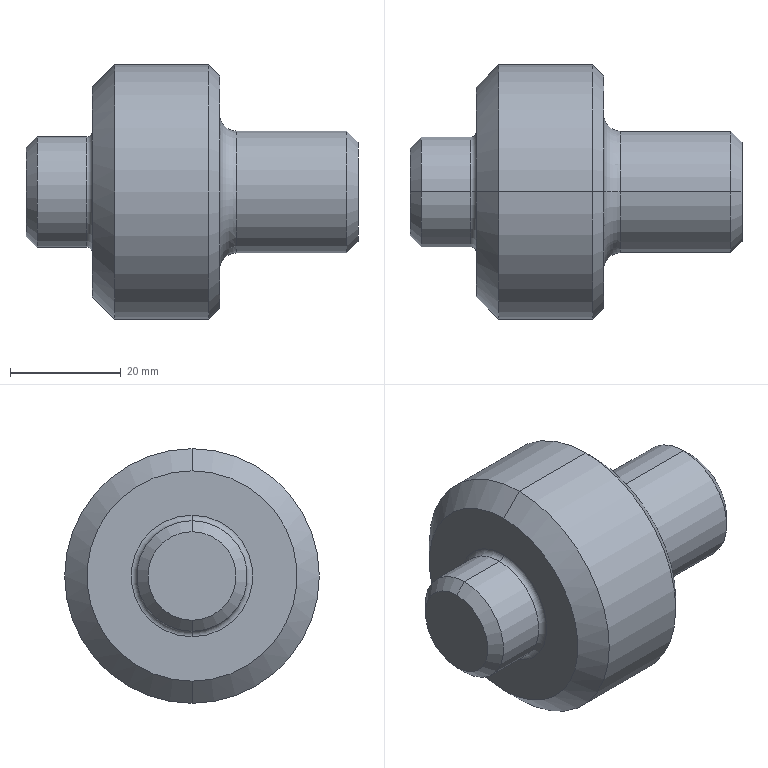Component | SolidWorks | THK-A1028TravelingMotorFlangeMountingAxis-1 | 1 solid | 26 faces | box 60 x 46 x 46 mm | volume 48569 mm3 | cone 10 | cylinder 8 | torus 4 | plane 4 | commonest cylinder face diameters 8.5 x2 22 x2 46 x2 20 x2 | material 45
build123d program:
from build123d import *

# Parameters (mm, degrees)
SKETCH1_R              = 10
BOSS_EXTRUDE1_DEPTH    = 6
SKETCH2_R              = 23
BOSS_EXTRUDE2_DEPTH    = 23
SKETCH3_R              = 11
BOSS_EXTRUDE3_DEPTH    = 25
M10_TAPPED_HOLE1_D     = 8.5
M10_TAPPED_HOLE1_DEPTH = 25
M10_TAPPED_HOLE1_TIP   = 2.554
CHAMFER1_SIZE          = 2
FILLET1_R              = 3
FILLET2_R              = 1
CHAMFER2_SIZE          = 4


with BuildPart() as part:
    # Sketch1 → Boss-Extrude1 (new, symmetric)
    with BuildSketch(Plane(origin=(0, 0, 0), x_dir=(0, 0, -1), z_dir=(1, 0, 0))):
        Circle(SKETCH1_R)
    extrude(amount=BOSS_EXTRUDE1_DEPTH, both=True)

    # Sketch2 → Boss-Extrude2 (add)
    with BuildSketch(Plane.ZY.offset(-6)):
        Circle(SKETCH2_R)
    extrude(amount=-BOSS_EXTRUDE2_DEPTH)

    # Sketch3 → Boss-Extrude3 (add)
    with BuildSketch(Plane.ZY.offset(-29)):
        Circle(SKETCH3_R)
    extrude(amount=-BOSS_EXTRUDE3_DEPTH)

    # M10 Tapped Hole1
    with Locations(Plane(origin=(54, 0, 0), x_dir=(0, 0, -1), z_dir=(1, 0, 0))):
        with Locations((0, 0)):
            Hole(M10_TAPPED_HOLE1_D / 2, depth=M10_TAPPED_HOLE1_DEPTH)
            with Locations((0, 0, -(M10_TAPPED_HOLE1_DEPTH + M10_TAPPED_HOLE1_TIP / 2))):  # 118° drill point
                Cone(0, M10_TAPPED_HOLE1_D / 2, M10_TAPPED_HOLE1_TIP, mode=Mode.SUBTRACT)

    # Chamfer1
    chamfer1_edges = [part.edges().sort_by_distance(p)[0] for p in [
        (54, 0, -11),
        (-6, 0, 10),
        (29, 0, -23),
    ]]
    chamfer(chamfer1_edges, length=CHAMFER1_SIZE)

    # Fillet1
    fillet1_edges = [part.edges().sort_by_distance(p)[0] for p in [
        (29, 0, -11),
    ]]
    fillet(fillet1_edges, radius=FILLET1_R)

    # Fillet2
    fillet2_edges = [part.edges().sort_by_distance(p)[0] for p in [
        (6, 0, 10),
    ]]
    fillet(fillet2_edges, radius=FILLET2_R)

    # Chamfer2
    chamfer2_edges = [part.edges().sort_by_distance(p)[0] for p in [
        (6, 0, -23),
    ]]
    chamfer(chamfer2_edges, length=CHAMFER2_SIZE)


solid = part.part

# Placed as in the assembly
solid = solid.moved(Location((79, 115, 321), (0, 0, 0)))
STEP:
#1=CARTESIAN_POINT('',(3.346,4.528,13.386));
#2=VERTEX_POINT('',#1);
#3=CARTESIAN_POINT('',(3.346,4.528,11.89));
#4=VERTEX_POINT('',#3);
#5=CARTESIAN_POINT('',(3.346,4.528,12.638));
#6=DIRECTION('',(-1.,0.,-0.));
#7=DIRECTION('',(0.,0.,1.));
#8=AXIS2_PLACEMENT_3D('',#5,#6,#7);
#9=CIRCLE('',#8,0.748);
#10=EDGE_CURVE('',#2,#4,#9,.T.);
#11=ORIENTED_EDGE('',*,*,#10,.F.);
#12=CARTESIAN_POINT('',(3.504,4.528,13.543));
#13=VERTEX_POINT('',#12);
#14=CARTESIAN_POINT('',(3.346,4.528,13.386));
#15=DIRECTION('',(0.7071,0.,0.7071));
#16=VECTOR('',#15,39.37);
#17=LINE('',#14,#16);
#18=EDGE_CURVE('',#2,#13,#17,.T.);
#19=ORIENTED_EDGE('',*,*,#18,.T.);
#20=CARTESIAN_POINT('',(3.504,4.528,11.732));
#21=VERTEX_POINT('',#20);
#22=CARTESIAN_POINT('',(3.504,4.528,12.638));
#23=DIRECTION('',(1.,0.,0.));
#24=DIRECTION('',(0.,0.,1.));
#25=AXIS2_PLACEMENT_3D('',#22,#23,#24);
#26=CIRCLE('',#25,0.9055);
#27=EDGE_CURVE('',#21,#13,#26,.T.);
#28=ORIENTED_EDGE('',*,*,#27,.F.);
#29=CARTESIAN_POINT('',(3.346,4.528,11.89));
#30=DIRECTION('',(0.7071,0.,-0.7071));
#31=VECTOR('',#30,39.37);
#32=LINE('',#29,#31);
#33=EDGE_CURVE('',#4,#21,#32,.T.);
#34=ORIENTED_EDGE('',*,*,#33,.F.);
#35=EDGE_LOOP('',(#11,#19,#28,#34));
#36=FACE_OUTER_BOUND('',#35,.T.);
#37=CARTESIAN_POINT('',(3.346,4.528,12.638));
#38=DIRECTION('',(1.,0.,0.));
#39=DIRECTION('',(0.,0.,-1.));
#40=AXIS2_PLACEMENT_3D('',#37,#38,#39);
#41=CONICAL_SURFACE('',#40,0.748,0.7854);
#42=ADVANCED_FACE('',(#36),#41,.T.);
#43=CARTESIAN_POINT('',(3.307,4.528,12.244));
#44=VERTEX_POINT('',#43);
#45=CARTESIAN_POINT('',(3.307,4.528,13.031));
#46=VERTEX_POINT('',#45);
#47=CARTESIAN_POINT('',(3.307,4.528,12.638));
#48=DIRECTION('',(-1.,0.,-0.));
#49=DIRECTION('',(0.,0.,1.));
#50=AXIS2_PLACEMENT_3D('',#47,#48,#49);
#51=CIRCLE('',#50,0.3937);
#52=EDGE_CURVE('',#44,#46,#51,.T.);
#53=ORIENTED_EDGE('',*,*,#52,.F.);
#54=CARTESIAN_POINT('',(3.346,4.528,12.205));
#55=VERTEX_POINT('',#54);
#56=CARTESIAN_POINT('',(3.307,4.528,12.205));
#57=DIRECTION('',(-0.,1.,0.));
#58=DIRECTION('',(0.,0.,1.));
#59=AXIS2_PLACEMENT_3D('',#56,#57,#58);
#60=CIRCLE('',#59,0.03937);
#61=EDGE_CURVE('',#44,#55,#60,.T.);
#62=ORIENTED_EDGE('',*,*,#61,.T.);
#63=CARTESIAN_POINT('',(3.346,4.528,13.071));
#64=VERTEX_POINT('',#63);
#65=CARTESIAN_POINT('',(3.346,4.528,12.638));
#66=DIRECTION('',(1.,0.,0.));
#67=DIRECTION('',(0.,0.,1.));
#68=AXIS2_PLACEMENT_3D('',#65,#66,#67);
#69=CIRCLE('',#68,0.4331);
#70=EDGE_CURVE('',#64,#55,#69,.T.);
#71=ORIENTED_EDGE('',*,*,#70,.F.);
#72=CARTESIAN_POINT('',(3.307,4.528,13.071));
#73=DIRECTION('',(0.,-1.,0.));
#74=DIRECTION('',(0.,0.,-1.));
#75=AXIS2_PLACEMENT_3D('',#72,#73,#74);
#76=CIRCLE('',#75,0.03937);
#77=EDGE_CURVE('',#46,#64,#76,.T.);
#78=ORIENTED_EDGE('',*,*,#77,.F.);
#79=EDGE_LOOP('',(#53,#62,#71,#78));
#80=FACE_OUTER_BOUND('',#79,.T.);
#81=CARTESIAN_POINT('',(3.307,4.528,12.638));
#82=DIRECTION('',(-1.,0.,-0.));
#83=DIRECTION('',(-0.,0.,1.));
#84=AXIS2_PLACEMENT_3D('',#81,#82,#83);
#85=TOROIDAL_SURFACE('',#84,0.4331,0.03937);
#86=ADVANCED_FACE('',(#80),#85,.F.);
#87=CARTESIAN_POINT('',(4.252,4.528,12.087));
#88=VERTEX_POINT('',#87);
#89=CARTESIAN_POINT('',(4.252,4.528,13.189));
#90=VERTEX_POINT('',#89);
#91=CARTESIAN_POINT('',(4.252,4.528,12.638));
#92=DIRECTION('',(-1.,0.,-0.));
#93=DIRECTION('',(0.,0.,1.));
#94=AXIS2_PLACEMENT_3D('',#91,#92,#93);
#95=CIRCLE('',#94,0.5512);
#96=EDGE_CURVE('',#88,#90,#95,.T.);
#97=ORIENTED_EDGE('',*,*,#96,.F.);
#98=CARTESIAN_POINT('',(4.37,4.528,12.205));
#99=VERTEX_POINT('',#98);
#100=CARTESIAN_POINT('',(4.37,4.528,12.087));
#101=DIRECTION('',(-0.,1.,0.));
#102=DIRECTION('',(0.,0.,1.));
#103=AXIS2_PLACEMENT_3D('',#100,#101,#102);
#104=CIRCLE('',#103,0.1181);
#105=EDGE_CURVE('',#88,#99,#104,.T.);
#106=ORIENTED_EDGE('',*,*,#105,.T.);
#107=CARTESIAN_POINT('',(4.37,4.528,13.071));
#108=VERTEX_POINT('',#107);
#109=CARTESIAN_POINT('',(4.37,4.528,12.638));
#110=DIRECTION('',(1.,0.,0.));
#111=DIRECTION('',(0.,0.,1.));
#112=AXIS2_PLACEMENT_3D('',#109,#110,#111);
#113=CIRCLE('',#112,0.4331);
#114=EDGE_CURVE('',#108,#99,#113,.T.);
#115=ORIENTED_EDGE('',*,*,#114,.F.);
#116=CARTESIAN_POINT('',(4.37,4.528,13.189));
#117=DIRECTION('',(0.,-1.,0.));
#118=DIRECTION('',(0.,0.,-1.));
#119=AXIS2_PLACEMENT_3D('',#116,#117,#118);
#120=CIRCLE('',#119,0.1181);
#121=EDGE_CURVE('',#90,#108,#120,.T.);
#122=ORIENTED_EDGE('',*,*,#121,.F.);
#123=EDGE_LOOP('',(#97,#106,#115,#122));
#124=FACE_OUTER_BOUND('',#123,.T.);
#125=CARTESIAN_POINT('',(4.37,4.528,12.638));
#126=DIRECTION('',(-1.,0.,-0.));
#127=DIRECTION('',(-0.,0.,1.));
#128=AXIS2_PLACEMENT_3D('',#125,#126,#127);
#129=TOROIDAL_SURFACE('',#128,0.5512,0.1181);
#130=ADVANCED_FACE('',(#124),#129,.F.);
#131=CARTESIAN_POINT('',(4.252,4.528,11.811));
#132=VERTEX_POINT('',#131);
#133=CARTESIAN_POINT('',(4.252,4.528,13.465));
#134=VERTEX_POINT('',#133);
#135=CARTESIAN_POINT('',(4.252,4.528,12.638));
#136=DIRECTION('',(1.,0.,0.));
#137=DIRECTION('',(0.,0.,1.));
#138=AXIS2_PLACEMENT_3D('',#135,#136,#137);
#139=CIRCLE('',#138,0.8268);
#140=EDGE_CURVE('',#132,#134,#139,.T.);
#141=ORIENTED_EDGE('',*,*,#140,.F.);
#142=CARTESIAN_POINT('',(4.173,4.528,11.732));
#143=VERTEX_POINT('',#142);
#144=CARTESIAN_POINT('',(4.173,4.528,11.732));
#145=DIRECTION('',(-0.7071,0.,-0.7071));
#146=VECTOR('',#145,39.37);
#147=LINE('',#144,#146);
#148=EDGE_CURVE('',#132,#143,#147,.T.);
#149=ORIENTED_EDGE('',*,*,#148,.T.);
#150=CARTESIAN_POINT('',(4.173,4.528,13.543));
#151=VERTEX_POINT('',#150);
#152=CARTESIAN_POINT('',(4.173,4.528,12.638));
#153=DIRECTION('',(-1.,0.,-0.));
#154=DIRECTION('',(0.,0.,1.));
#155=AXIS2_PLACEMENT_3D('',#152,#153,#154);
#156=CIRCLE('',#155,0.9055);
#157=EDGE_CURVE('',#151,#143,#156,.T.);
#158=ORIENTED_EDGE('',*,*,#157,.F.);
#159=CARTESIAN_POINT('',(4.173,4.528,13.543));
#160=DIRECTION('',(-0.7071,0.,0.7071));
#161=VECTOR('',#160,39.37);
#162=LINE('',#159,#161);
#163=EDGE_CURVE('',#134,#151,#162,.T.);
#164=ORIENTED_EDGE('',*,*,#163,.F.);
#165=EDGE_LOOP('',(#141,#149,#158,#164));
#166=FACE_OUTER_BOUND('',#165,.T.);
#167=CARTESIAN_POINT('',(4.173,4.528,12.638));
#168=DIRECTION('',(-1.,0.,-0.));
#169=DIRECTION('',(0.,0.,1.));
#170=AXIS2_PLACEMENT_3D('',#167,#168,#169);
#171=CONICAL_SURFACE('',#170,0.9055,0.7854);
#172=ADVANCED_FACE('',(#166),#171,.T.);
#173=CARTESIAN_POINT('',(5.236,4.528,12.283));
#174=VERTEX_POINT('',#173);
#175=CARTESIAN_POINT('',(5.236,4.528,12.992));
#176=VERTEX_POINT('',#175);
#177=CARTESIAN_POINT('',(5.236,4.528,12.638));
#178=DIRECTION('',(1.,0.,0.));
#179=DIRECTION('',(0.,0.,1.));
#180=AXIS2_PLACEMENT_3D('',#177,#178,#179);
#181=CIRCLE('',#180,0.3543);
#182=EDGE_CURVE('',#174,#176,#181,.T.);
#183=ORIENTED_EDGE('',*,*,#182,.F.);
#184=CARTESIAN_POINT('',(5.157,4.528,12.205));
#185=VERTEX_POINT('',#184);
#186=CARTESIAN_POINT('',(5.157,4.528,12.205));
#187=DIRECTION('',(-0.7071,0.,-0.7071));
#188=VECTOR('',#187,39.37);
#189=LINE('',#186,#188);
#190=EDGE_CURVE('',#174,#185,#189,.T.);
#191=ORIENTED_EDGE('',*,*,#190,.T.);
#192=CARTESIAN_POINT('',(5.157,4.528,13.071));
#193=VERTEX_POINT('',#192);
#194=CARTESIAN_POINT('',(5.157,4.528,12.638));
#195=DIRECTION('',(-1.,0.,-0.));
#196=DIRECTION('',(0.,0.,1.));
#197=AXIS2_PLACEMENT_3D('',#194,#195,#196);
#198=CIRCLE('',#197,0.4331);
#199=EDGE_CURVE('',#193,#185,#198,.T.);
#200=ORIENTED_EDGE('',*,*,#199,.F.);
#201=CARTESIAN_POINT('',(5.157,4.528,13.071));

※ ※ ※

Using the data above, reproduce exactly the lines from the line that contains "#135=CARTESIAN_POINT('',(4.252,4.528,12.638));" through the line that contains "#150=CARTESIAN_POINT('',(4.173,4.528,13.543));", including both.

| Result for this task |
#135=CARTESIAN_POINT('',(4.252,4.528,12.638));
#136=DIRECTION('',(1.,0.,0.));
#137=DIRECTION('',(0.,0.,1.));
#138=AXIS2_PLACEMENT_3D('',#135,#136,#137);
#139=CIRCLE('',#138,0.8268);
#140=EDGE_CURVE('',#132,#134,#139,.T.);
#141=ORIENTED_EDGE('',*,*,#140,.F.);
#142=CARTESIAN_POINT('',(4.173,4.528,11.732));
#143=VERTEX_POINT('',#142);
#144=CARTESIAN_POINT('',(4.173,4.528,11.732));
#145=DIRECTION('',(-0.7071,0.,-0.7071));
#146=VECTOR('',#145,39.37);
#147=LINE('',#144,#146);
#148=EDGE_CURVE('',#132,#143,#147,.T.);
#149=ORIENTED_EDGE('',*,*,#148,.T.);
#150=CARTESIAN_POINT('',(4.173,4.528,13.543));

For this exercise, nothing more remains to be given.